Directions: Would you transcribe the records below exactly, omitting every picture?

--------

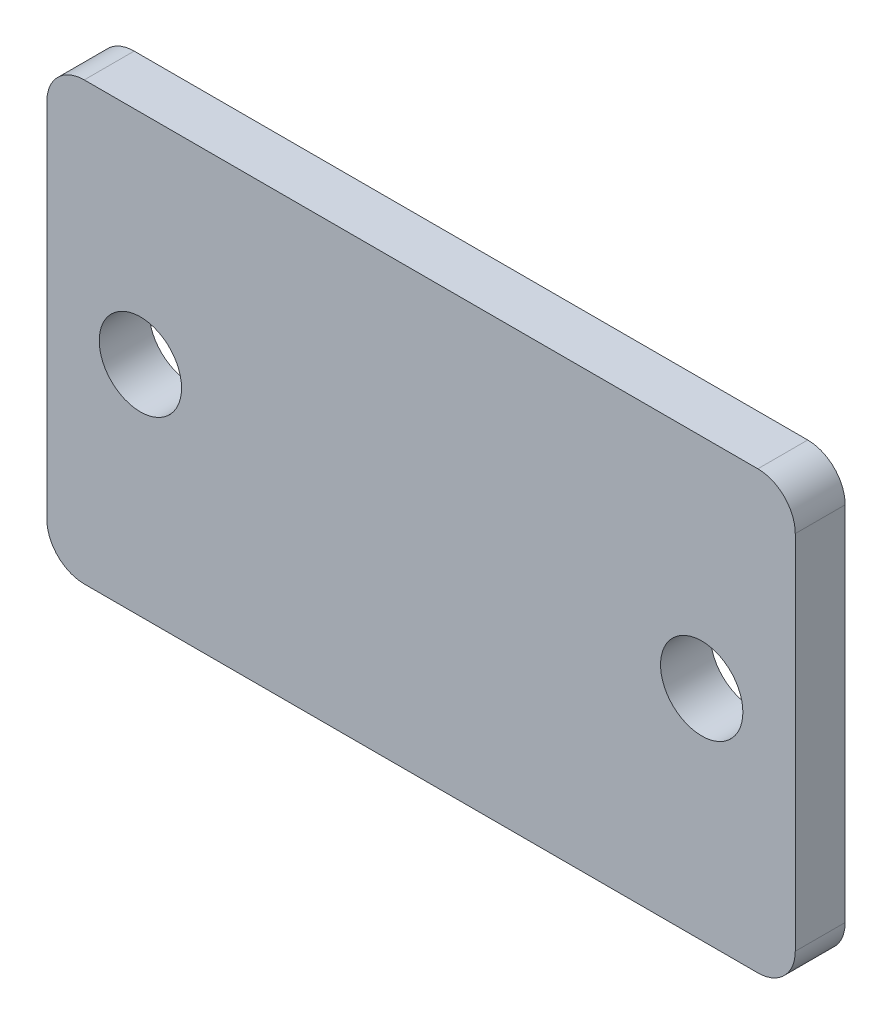
from build123d import *

# Parameters (mm, degrees)
SKETCH_1_W      = 60
SKETCH_1_H      = 35
SKETCH_1_R      = 3.3
EXTRUDE_1_DEPTH = 4
FILLET_1_R      = 3


with BuildPart() as part:
    # 草图1 → 凸台-拉伸1 (new body)
    with BuildSketch(Plane.XY):
        Rectangle(SKETCH_1_W, SKETCH_1_H)
        with Locations((-22.5, 0)):
            Circle(SKETCH_1_R, mode=Mode.SUBTRACT)
        with Locations((22.5, 0)):
            Circle(SKETCH_1_R, mode=Mode.SUBTRACT)
    extrude(amount=EXTRUDE_1_DEPTH)

    # 圆角1
    fillet_1_edges = [part.edges().sort_by_distance(p)[0] for p in [
        (30, -17.5, 2),
        (-30, -17.5, 2),
        (-30, 17.5, 2),
        (30, 17.5, 2),
    ]]
    fillet(fillet_1_edges, radius=FILLET_1_R)


solid = part.part

--------

Response to the task:
from build123d import *

# Parameters (mm, degrees)
SKETCH_1_W      = 60
SKETCH_1_H      = 35
SKETCH_1_R      = 3.3
EXTRUDE_1_DEPTH = 4
FILLET_1_R      = 3


with BuildPart() as part:
    # 草图1 → 凸台-拉伸1 (new body)
    with BuildSketch(Plane.XY):
        Rectangle(SKETCH_1_W, SKETCH_1_H)
        with Locations((-22.5, 0)):
            Circle(SKETCH_1_R, mode=Mode.SUBTRACT)
        with Locations((22.5, 0)):
            Circle(SKETCH_1_R, mode=Mode.SUBTRACT)
    extrude(amount=EXTRUDE_1_DEPTH)

    # 圆角1
    fillet_1_edges = [part.edges().sort_by_distance(p)[0] for p in [
        (30, -17.5, 2),
        (-30, -17.5, 2),
        (-30, 17.5, 2),
        (30, 17.5, 2),
    ]]
    fillet(fillet_1_edges, radius=FILLET_1_R)


solid = part.part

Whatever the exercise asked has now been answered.